To do — Pull every "IfcDoor" line out of the data below.

Recorded data —

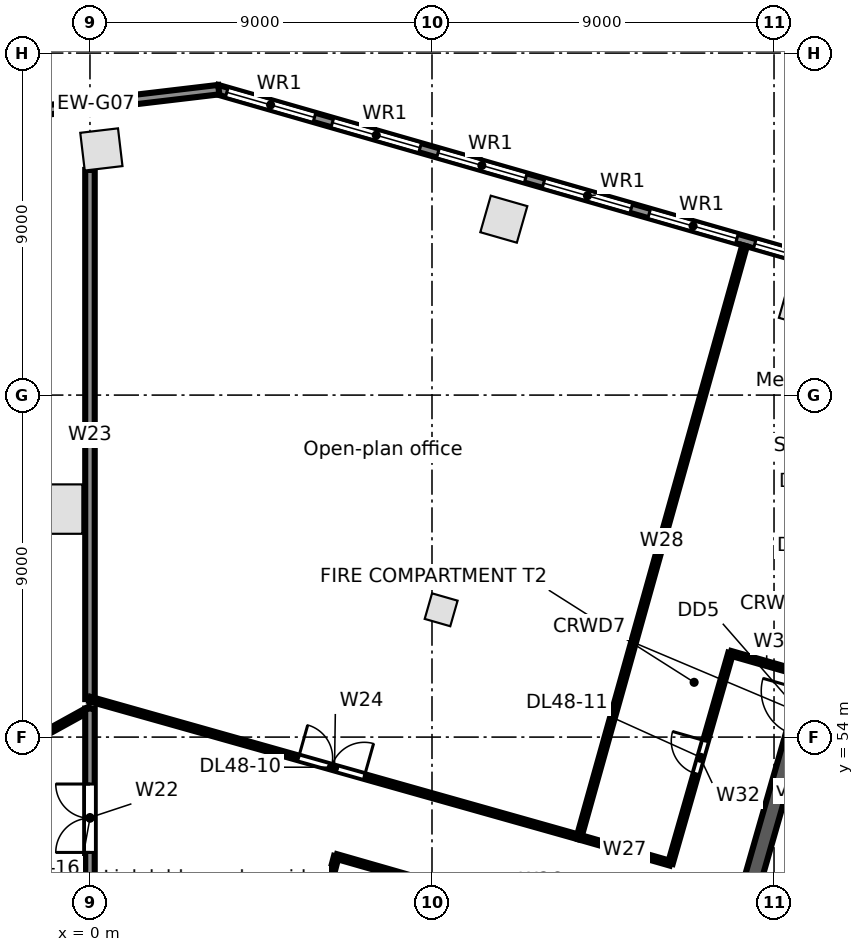
"""IFC4 building model, lengths in metres.
Left out: names, types, materials, properties, quantities, classifications, styles, units other than length and angle.
Written with IfcOpenShell. Run it as: python <this file> out.ifc"""

import sys

from ifc_helpers import new_model, si_unit, direction, frame, frame_2d, origin, origin_2d, place, context, subcontext, project, spatial, rectangle, extrude, element, fill, save


model = new_model("IFC4")
c1 = context("Model", 3, precision=1e-05, world=origin(), true_north=direction((0.0, 1.0)))
c2 = subcontext(c1, "Body", "Model", "MODEL_VIEW")
j1 = project(units=[si_unit("LENGTHUNIT", "METRE"), si_unit("PLANEANGLEUNIT", "RADIAN")], contexts=[c1])
p1 = place(None, origin())
s1 = spatial("IfcSite", under=j1, at=p1, CompositionType="ELEMENT")
p2 = place(p1, origin())
s2 = spatial("IfcBuilding", under=s1, at=p2, CompositionType="ELEMENT")
p3 = place(p2, frame((0.0, 0.0, 227.0)))
s3 = spatial("IfcBuildingStorey", under=s2, at=p3, CompositionType="ELEMENT", Elevation=227.0)
for number, where, z_axis, x_axis in (
    (1, (18.746, 65.376, 0.0), (0.0, 0.0, 1.0), (-0.961, 0.276, 0.0)),
    (2, (10.89, 67.629, 0.0), (0.0, 0.0, 1.0), (-0.961, 0.276, 0.0)),
    (3, (0.3, 69.464, 0.0), (0.0, 0.0, 1.0), (-0.993, -0.118, 0.0)),
):
    element("IfcColumn", number, at=place(p3, frame(where, z_axis=z_axis, x_axis=x_axis)), inside=s3, PredefinedType="COLUMN", context=c2, shape_type="SweptSolid", body=[
        extrude(rectangle(XDim=1.0, YDim=1.0, at=origin_2d()), origin(), (0.0, 0.0, 1.0), 3.9),
    ])
p4 = place(p3, frame((-0.85, 60.0, 0.0), z_axis=(0.0, 0.0, 1.0), x_axis=(0.0, 1.0, 0.0)))
e4 = element("IfcColumn", 4, at=p4, inside=s3, PredefinedType="COLUMN", context=c2, shape_type="SweptSolid", body=[
    extrude(rectangle(XDim=1.3, YDim=1.3, at=origin_2d()), origin(), (0.0, 0.0, 1.0), 3.9),
])
p5 = place(p3, frame((9.241, 57.35, 0.0), z_axis=(0.0, 0.0, 1.0), x_axis=(0.961261695938, -0.275637355817, 0.0)))
e5 = element("IfcColumn", 5, at=p5, inside=s3, PredefinedType="COLUMN", context=c2, shape_type="SweptSolid", body=[
    extrude(rectangle(XDim=0.7, YDim=0.7, at=origin_2d()), origin(), (0.0, 0.0, 1.0), 3.9),
])
p6 = place(p3, frame((3.34, 71.042, 0.0), z_axis=(0.0, 0.0, 1.0), x_axis=(0.96126179431, -0.275637012753, 0.0)))
e6 = element("IfcWall", 6, at=p6, inside=s3, PredefinedType="STANDARD", context=c2, shape_type="SweptSolid", body=[
    extrude(rectangle(XDim=34.779, YDim=0.25, at=frame_2d((17.39, 0.0))), origin(), (0.0, 0.0, 1.0), 3.55),
])
p7 = place(p6, frame((32.071, 0.0, 0.8)))
e7 = element("IfcOpeningElement", 7, at=p7, cuts=e6, PredefinedType="OPENING", context=c2, shape_type="SweptSolid", body=[
    extrude(rectangle(XDim=2.4, YDim=2.2, at=frame_2d((1.2, 1.1))), frame((0.0, 0.135, 0.0), z_axis=(0.0, -1.0, 0.0), x_axis=(1.0, 0.0, 0.0)), (0.0, 0.0, 1.0), 0.27),
])
p8 = place(p6, frame((29.18, 0.0, 0.8)))
e8 = element("IfcOpeningElement", 8, at=p8, cuts=e6, PredefinedType="OPENING", context=c2, shape_type="SweptSolid", body=[
    extrude(rectangle(XDim=2.4, YDim=2.2, at=frame_2d((1.2, 1.1))), frame((0.0, 0.135, 0.0), z_axis=(0.0, -1.0, 0.0), x_axis=(1.0, 0.0, 0.0)), (0.0, 0.0, 1.0), 0.27),
])
p9 = place(p6, frame((26.289, 0.0, 0.8)))
e9 = element("IfcOpeningElement", 9, at=p9, cuts=e6, PredefinedType="OPENING", context=c2, shape_type="SweptSolid", body=[
    extrude(rectangle(XDim=2.4, YDim=2.2, at=frame_2d((1.2, 1.1))), frame((0.0, 0.135, 0.0), z_axis=(0.0, -1.0, 0.0), x_axis=(1.0, 0.0, 0.0)), (0.0, 0.0, 1.0), 0.27),
])
p10 = place(p6, frame((23.398, 0.0, 0.8)))
e10 = element("IfcOpeningElement", 10, at=p10, cuts=e6, PredefinedType="OPENING", context=c2, shape_type="SweptSolid", body=[
    extrude(rectangle(XDim=2.4, YDim=2.2, at=frame_2d((1.2, 1.1))), frame((0.0, 0.135, 0.0), z_axis=(0.0, -1.0, 0.0), x_axis=(1.0, 0.0, 0.0)), (0.0, 0.0, 1.0), 0.27),
])
p11 = place(p6, frame((20.508, 0.0, 0.8)))
e11 = element("IfcOpeningElement", 11, at=p11, cuts=e6, PredefinedType="OPENING", context=c2, shape_type="SweptSolid", body=[
    extrude(rectangle(XDim=2.4, YDim=2.2, at=frame_2d((1.2, 1.1))), frame((0.0, 0.135, 0.0), z_axis=(0.0, -1.0, 0.0), x_axis=(1.0, 0.0, 0.0)), (0.0, 0.0, 1.0), 0.27),
])
p12 = place(p6, frame((17.616, 0.0, 0.8)))
e12 = element("IfcOpeningElement", 12, at=p12, cuts=e6, PredefinedType="OPENING", context=c2, shape_type="SweptSolid", body=[
    extrude(rectangle(XDim=2.4, YDim=2.2, at=frame_2d((1.2, 1.1))), frame((0.0, 0.135, 0.0), z_axis=(0.0, -1.0, 0.0), x_axis=(1.0, 0.0, 0.0)), (0.0, 0.0, 1.0), 0.27),
])
p13 = place(p6, frame((14.726, 0.0, 0.8)))
e13 = element("IfcOpeningElement", 13, at=p13, cuts=e6, PredefinedType="OPENING", context=c2, shape_type="SweptSolid", body=[
    extrude(rectangle(XDim=2.4, YDim=2.2, at=frame_2d((1.2, 1.1))), frame((0.0, 0.135, 0.0), z_axis=(0.0, -1.0, 0.0), x_axis=(1.0, 0.0, 0.0)), (0.0, 0.0, 1.0), 0.27),
])
p14 = place(p6, frame((11.834, 0.0, 0.8)))
e14 = element("IfcOpeningElement", 14, at=p14, cuts=e6, PredefinedType="OPENING", context=c2, shape_type="SweptSolid", body=[
    extrude(rectangle(XDim=2.4, YDim=2.2, at=frame_2d((1.2, 1.1))), frame((0.0, 0.135, 0.0), z_axis=(0.0, -1.0, 0.0), x_axis=(1.0, 0.0, 0.0)), (0.0, 0.0, 1.0), 0.27),
])
p15 = place(p6, frame((8.944, 0.0, 0.8)))
e15 = element("IfcOpeningElement", 15, at=p15, cuts=e6, PredefinedType="OPENING", context=c2, shape_type="SweptSolid", body=[
    extrude(rectangle(XDim=2.4, YDim=2.2, at=frame_2d((1.2, 1.1))), frame((0.0, 0.135, 0.0), z_axis=(0.0, -1.0, 0.0), x_axis=(1.0, 0.0, 0.0)), (0.0, 0.0, 1.0), 0.27),
])
p16 = place(p6, frame((6.052, 0.0, 0.8)))
e16 = element("IfcOpeningElement", 16, at=p16, cuts=e6, PredefinedType="OPENING", context=c2, shape_type="SweptSolid", body=[
    extrude(rectangle(XDim=2.4, YDim=2.2, at=frame_2d((1.2, 1.1))), frame((0.0, 0.135, 0.0), z_axis=(0.0, -1.0, 0.0), x_axis=(1.0, 0.0, 0.0)), (0.0, 0.0, 1.0), 0.27),
])
p17 = place(p6, frame((3.162, 0.0, 0.8)))
e17 = element("IfcOpeningElement", 17, at=p17, cuts=e6, PredefinedType="OPENING", context=c2, shape_type="SweptSolid", body=[
    extrude(rectangle(XDim=2.4, YDim=2.2, at=frame_2d((1.2, 1.1))), frame((0.0, 0.135, 0.0), z_axis=(0.0, -1.0, 0.0), x_axis=(1.0, 0.0, 0.0)), (0.0, 0.0, 1.0), 0.27),
])
p18 = place(p6, frame((0.271, 0.0, 0.8)))
e18 = element("IfcOpeningElement", 18, at=p18, cuts=e6, PredefinedType="OPENING", context=c2, shape_type="SweptSolid", body=[
    extrude(rectangle(XDim=2.4, YDim=2.2, at=frame_2d((1.2, 1.1))), frame((0.0, 0.135, 0.0), z_axis=(0.0, -1.0, 0.0), x_axis=(1.0, 0.0, 0.0)), (0.0, 0.0, 1.0), 0.27),
])
p19 = place(p3, frame((-3.071, 70.273, 0.0), z_axis=(0.0, 0.0, 1.0), x_axis=(0.993064524962, 0.11757061394, 0.0)))
e19 = element("IfcWall", 19, at=p19, inside=s3, PredefinedType="STANDARD", context=c2, shape_type="SweptSolid", body=[
    extrude(rectangle(XDim=6.506, YDim=0.25, at=frame_2d((3.253, 0.0))), origin(), (0.0, 0.0, 1.0), 3.55),
])
p20 = place(p3, frame((17.168, 49.303, 0.0), z_axis=(0.0, 0.0, 1.0), x_axis=(0.275638974822, 0.961261231695, 0.0)))
e20 = element("IfcWall", 20, at=p20, inside=s3, PredefinedType="SOLIDWALL", context=c2, shape_type="SweptSolid", body=[
    extrude(rectangle(XDim=11.1, YDim=0.45, at=frame_2d((5.55, 0.0))), origin(), (0.0, 0.0, 1.0), 3.55),
])
p21 = place(p20, frame((4.95, 0.0, 0.0)))
e21 = element("IfcOpeningElement", 21, at=p21, cuts=e20, PredefinedType="OPENING", context=c2, shape_type="SweptSolid", body=[
    extrude(rectangle(XDim=1.2, YDim=2.1, at=frame_2d((0.6, 1.05))), frame((0.0, 0.235, 0.0), z_axis=(0.0, -1.0, 0.0), x_axis=(1.0, 0.0, 0.0)), (0.0, 0.0, 1.0), 0.47),
])
p22 = place(p3, frame((-6.053, 51.405, 0.0), z_axis=(0.0, 0.0, 1.0), x_axis=(0.875247434681, 0.483675436718, 0.0)))
e22 = element("IfcWall", 22, at=p22, inside=s3, PredefinedType="PARTITIONING", context=c2, shape_type="SweptSolid", body=[
    extrude(rectangle(XDim=6.916, YDim=0.125, at=frame_2d((3.458, 0.0))), origin(), (0.0, 0.0, 1.0), 2.618),
])
p23 = place(p22, frame((2.45, 0.0, 0.0)))
e23 = element("IfcOpeningElement", 23, at=p23, cuts=e22, PredefinedType="OPENING", context=c2, shape_type="SweptSolid", body=[
    extrude(rectangle(XDim=1.8, YDim=2.1, at=frame_2d((0.9, 1.05))), frame((0.0, 0.073, 0.0), z_axis=(0.0, -1.0, 0.0), x_axis=(1.0, 0.0, 0.0)), (0.0, 0.0, 1.0), 0.145),
])
p24 = place(p3, frame((0.0, 49.015, 0.0), z_axis=(0.0, 0.0, 1.0), x_axis=(0.0, 1.0, 0.0)))
e24 = element("IfcWall", 24, at=p24, inside=s3, PredefinedType="PARTITIONING", context=c2, shape_type="SweptSolid", body=[
    extrude(rectangle(XDim=5.735, YDim=0.25, at=frame_2d((2.868, 0.0))), origin(), (0.0, 0.0, 1.0), 3.55),
])
p25 = place(p24, frame((1.95, 0.0, 0.0)))
e25 = element("IfcOpeningElement", 25, at=p25, cuts=e24, PredefinedType="OPENING", context=c2, shape_type="SweptSolid", body=[
    extrude(rectangle(XDim=1.8, YDim=2.1, at=frame_2d((0.9, 1.05))), frame((0.0, 0.135, 0.0), z_axis=(0.0, -1.0, 0.0), x_axis=(1.0, 0.0, 0.0)), (0.0, 0.0, 1.0), 0.27),
])
p26 = place(p3, frame((0.0, 55.0, 0.0), z_axis=(0.0, 0.0, 1.0), x_axis=(0.0, 1.0, 0.0)))
e26 = element("IfcWall", 26, at=p26, inside=s3, PredefinedType="PARTITIONING", context=c2, shape_type="SweptSolid", body=[
    extrude(rectangle(XDim=13.925, YDim=0.25, at=frame_2d((6.962, 0.0))), origin(), (0.0, 0.0, 1.0), 2.618),
])
p27 = place(p3, frame((0.0, 55.0, 0.0), z_axis=(0.0, 0.0, 1.0), x_axis=(0.962402937884, -0.271625818271, 0.0)))
e27 = element("IfcWall", 27, at=p27, inside=s3, PredefinedType="PARTITIONING", context=c2, shape_type="SweptSolid", body=[
    extrude(rectangle(XDim=13.372, YDim=0.125, at=frame_2d((6.686, 0.0))), origin(), (0.0, 0.0, 1.0), 2.618),
])
p28 = place(p27, frame((5.7, 0.0, 0.0)))
e28 = element("IfcOpeningElement", 28, at=p28, cuts=e27, PredefinedType="OPENING", context=c2, shape_type="SweptSolid", body=[
    extrude(rectangle(XDim=1.8, YDim=2.1, at=frame_2d((0.9, 1.05))), frame((0.0, 0.073, 0.0), z_axis=(0.0, -1.0, 0.0), x_axis=(1.0, 0.0, 0.0)), (0.0, 0.0, 1.0), 0.145),
])
p29 = place(p3, frame((5.364, 46.592, 0.0), z_axis=(0.0, 0.0, 1.0), x_axis=(0.253446952203, 0.967349286669, 0.0)))
e29 = element("IfcWall", 29, at=p29, inside=s3, PredefinedType="PARTITIONING", context=c2, shape_type="SweptSolid", body=[
    extrude(rectangle(XDim=4.411, YDim=0.125, at=frame_2d((2.206, 0.0))), origin(), (0.0, 0.0, 1.0), 2.83),
])
p30 = place(p3, frame((6.482, 50.859, 0.0), z_axis=(0.0, 0.0, 1.0), x_axis=(0.961261196169, -0.275639098713, 0.0)))
e30 = element("IfcWall", 30, at=p30, inside=s3, PredefinedType="PARTITIONING", context=c2, shape_type="SweptSolid", body=[
    extrude(rectangle(XDim=8.5, YDim=0.125, at=frame_2d((4.25, 0.0))), origin(), (0.0, 0.0, 1.0), 2.618),
])
p31 = place(p30, frame((3.7, 0.0, 0.0)))
e31 = element("IfcOpeningElement", 31, at=p31, cuts=e30, PredefinedType="OPENING", context=c2, shape_type="SweptSolid", body=[
    extrude(rectangle(XDim=0.9, YDim=2.1, at=frame_2d((0.45, 1.05))), frame((0.0, 0.073, 0.0), z_axis=(0.0, -1.0, 0.0), x_axis=(1.0, 0.0, 0.0)), (0.0, 0.0, 1.0), 0.145),
])
p32 = place(p3, frame((12.869, 51.368, 0.0), z_axis=(0.0, 0.0, 1.0), x_axis=(0.961302601161, -0.275494662382, 0.0)))
e32 = element("IfcWall", 32, at=p32, inside=s3, PredefinedType="PARTITIONING", context=c2, shape_type="SweptSolid", body=[
    extrude(rectangle(XDim=2.501, YDim=0.125, at=frame_2d((1.25, 0.0))), origin(), (0.0, 0.0, 1.0), 3.55),
])
p33 = place(p3, frame((12.869, 51.368, 0.0), z_axis=(0.0, 0.0, 1.0), x_axis=(0.269547555311, 0.962987079574, 0.0)))
e33 = element("IfcWall", 33, at=p33, inside=s3, PredefinedType="PARTITIONING", context=c2, shape_type="SweptSolid", body=[
    extrude(rectangle(XDim=16.161, YDim=0.125, at=frame_2d((8.081, 0.0))), origin(), (0.0, 0.0, 1.0), 2.618),
])
p34 = place(p3, frame((15.273, 50.679, 0.0), z_axis=(0.0, 0.0, 1.0), x_axis=(0.275494973205, 0.961302512084, 0.0)))
e34 = element("IfcWall", 34, at=p34, inside=s3, PredefinedType="PARTITIONING", context=c2, shape_type="SweptSolid", body=[
    extrude(rectangle(XDim=5.75, YDim=0.125, at=frame_2d((2.875, 0.0))), origin(), (0.0, 0.0, 1.0), 2.618),
])
p35 = place(p34, frame((2.45, 0.0, 0.0)))
e35 = element("IfcOpeningElement", 35, at=p35, cuts=e34, PredefinedType="OPENING", context=c2, shape_type="SweptSolid", body=[
    extrude(rectangle(XDim=0.9, YDim=2.1, at=frame_2d((0.45, 1.05))), frame((0.0, 0.073, 0.0), z_axis=(0.0, -1.0, 0.0), x_axis=(1.0, 0.0, 0.0)), (0.0, 0.0, 1.0), 0.145),
])
p36 = place(p3, frame((16.857, 56.206, 0.0), z_axis=(0.0, 0.0, 1.0), x_axis=(0.961383985066, -0.275210525341, 0.0)))
e36 = element("IfcWall", 36, at=p36, inside=s3, PredefinedType="PARTITIONING", context=c2, shape_type="SweptSolid", body=[
    extrude(rectangle(XDim=1.977, YDim=0.125, at=frame_2d((0.988, 0.0))), origin(), (0.0, 0.0, 1.0), 3.55),
])
p37 = place(p13, origin())
e37 = element("IfcWindow", 37, at=p37, inside=s3, PartitioningType="SINGLE_PANEL", PredefinedType="WINDOW", context=c2, shape_type="SweptSolid", body=[
    extrude(rectangle(XDim=2.4, YDim=2.2, at=frame_2d((1.2, 1.1))), frame((0.0, 0.03, 0.0), z_axis=(0.0, -1.0, 0.0), x_axis=(1.0, 0.0, 0.0)), (0.0, 0.0, 1.0), 0.06),
])
fill(e13, e37)
p38 = place(p14, origin())
e38 = element("IfcWindow", 38, at=p38, inside=s3, PartitioningType="SINGLE_PANEL", PredefinedType="WINDOW", context=c2, shape_type="SweptSolid", body=[
    extrude(rectangle(XDim=2.4, YDim=2.2, at=frame_2d((1.2, 1.1))), frame((0.0, 0.03, 0.0), z_axis=(0.0, -1.0, 0.0), x_axis=(1.0, 0.0, 0.0)), (0.0, 0.0, 1.0), 0.06),
])
fill(e14, e38)
p39 = place(p15, origin())
e39 = element("IfcWindow", 39, at=p39, inside=s3, PartitioningType="SINGLE_PANEL", PredefinedType="WINDOW", context=c2, shape_type="SweptSolid", body=[
    extrude(rectangle(XDim=2.4, YDim=2.2, at=frame_2d((1.2, 1.1))), frame((0.0, 0.03, 0.0), z_axis=(0.0, -1.0, 0.0), x_axis=(1.0, 0.0, 0.0)), (0.0, 0.0, 1.0), 0.06),
])
fill(e15, e39)
p40 = place(p16, origin())
e40 = element("IfcWindow", 40, at=p40, inside=s3, PartitioningType="SINGLE_PANEL", PredefinedType="WINDOW", context=c2, shape_type="SweptSolid", body=[
    extrude(rectangle(XDim=2.4, YDim=2.2, at=frame_2d((1.2, 1.1))), frame((0.0, 0.03, 0.0), z_axis=(0.0, -1.0, 0.0), x_axis=(1.0, 0.0, 0.0)), (0.0, 0.0, 1.0), 0.06),
])
fill(e16, e40)
p41 = place(p17, origin())
e41 = element("IfcWindow", 41, at=p41, inside=s3, PartitioningType="SINGLE_PANEL", PredefinedType="WINDOW", context=c2, shape_type="SweptSolid", body=[
    extrude(rectangle(XDim=2.4, YDim=2.2, at=frame_2d((1.2, 1.1))), frame((0.0, 0.03, 0.0), z_axis=(0.0, -1.0, 0.0), x_axis=(1.0, 0.0, 0.0)), (0.0, 0.0, 1.0), 0.06),
])
fill(e17, e41)
p42 = place(p18, origin())
e42 = element("IfcWindow", 42, at=p42, inside=s3, PartitioningType="SINGLE_PANEL", PredefinedType="WINDOW", context=c2, shape_type="SweptSolid", body=[
    extrude(rectangle(XDim=2.4, YDim=2.2, at=frame_2d((1.2, 1.1))), frame((0.0, 0.03, 0.0), z_axis=(0.0, -1.0, 0.0), x_axis=(1.0, 0.0, 0.0)), (0.0, 0.0, 1.0), 0.06),
])
fill(e18, e42)
p43 = place(p28, origin())
e43 = element("IfcDoor", 43, at=p43, inside=s3, OperationType="DOUBLE_DOOR_SINGLE_SWING", PredefinedType="DOOR", context=c2, shape_type="SweptSolid", body=[
    extrude(rectangle(XDim=1.8, YDim=2.1, at=frame_2d((0.9, 1.05))), frame((0.0, 0.025, 0.0), z_axis=(0.0, -1.0, 0.0), x_axis=(1.0, 0.0, 0.0)), (0.0, 0.0, 1.0), 0.05),
])
fill(e28, e43)
p44 = place(p35, origin())
e44 = element("IfcDoor", 44, at=p44, inside=s3, OperationType="SINGLE_SWING_RIGHT", PredefinedType="DOOR", context=c2, shape_type="SweptSolid", body=[
    extrude(rectangle(XDim=0.9, YDim=2.1, at=frame_2d((0.45, 1.05))), frame((0.0, 0.025, 0.0), z_axis=(0.0, -1.0, 0.0), x_axis=(1.0, 0.0, 0.0)), (0.0, 0.0, 1.0), 0.05),
])
fill(e35, e44)
p45 = place(p25, origin())
e45 = element("IfcDoor", 45, at=p45, inside=s3, OperationType="DOUBLE_DOOR_SINGLE_SWING", PredefinedType="DOOR", context=c2, shape_type="SweptSolid", body=[
    extrude(rectangle(XDim=1.8, YDim=2.1, at=frame_2d((0.9, 1.05))), frame((0.0, 0.025, 0.0), z_axis=(0.0, -1.0, 0.0), x_axis=(1.0, 0.0, 0.0)), (0.0, 0.0, 1.0), 0.05),
])
fill(e25, e45)
save(model, sys.argv[1])

Task output —
e43 = element("IfcDoor", 43, at=p43, inside=s3, OperationType="DOUBLE_DOOR_SINGLE_SWING", PredefinedType="DOOR", context=c2, shape_type="SweptSolid", body=[
e44 = element("IfcDoor", 44, at=p44, inside=s3, OperationType="SINGLE_SWING_RIGHT", PredefinedType="DOOR", context=c2, shape_type="SweptSolid", body=[
e45 = element("IfcDoor", 45, at=p45, inside=s3, OperationType="DOUBLE_DOOR_SINGLE_SWING", PredefinedType="DOOR", context=c2, shape_type="SweptSolid", body=[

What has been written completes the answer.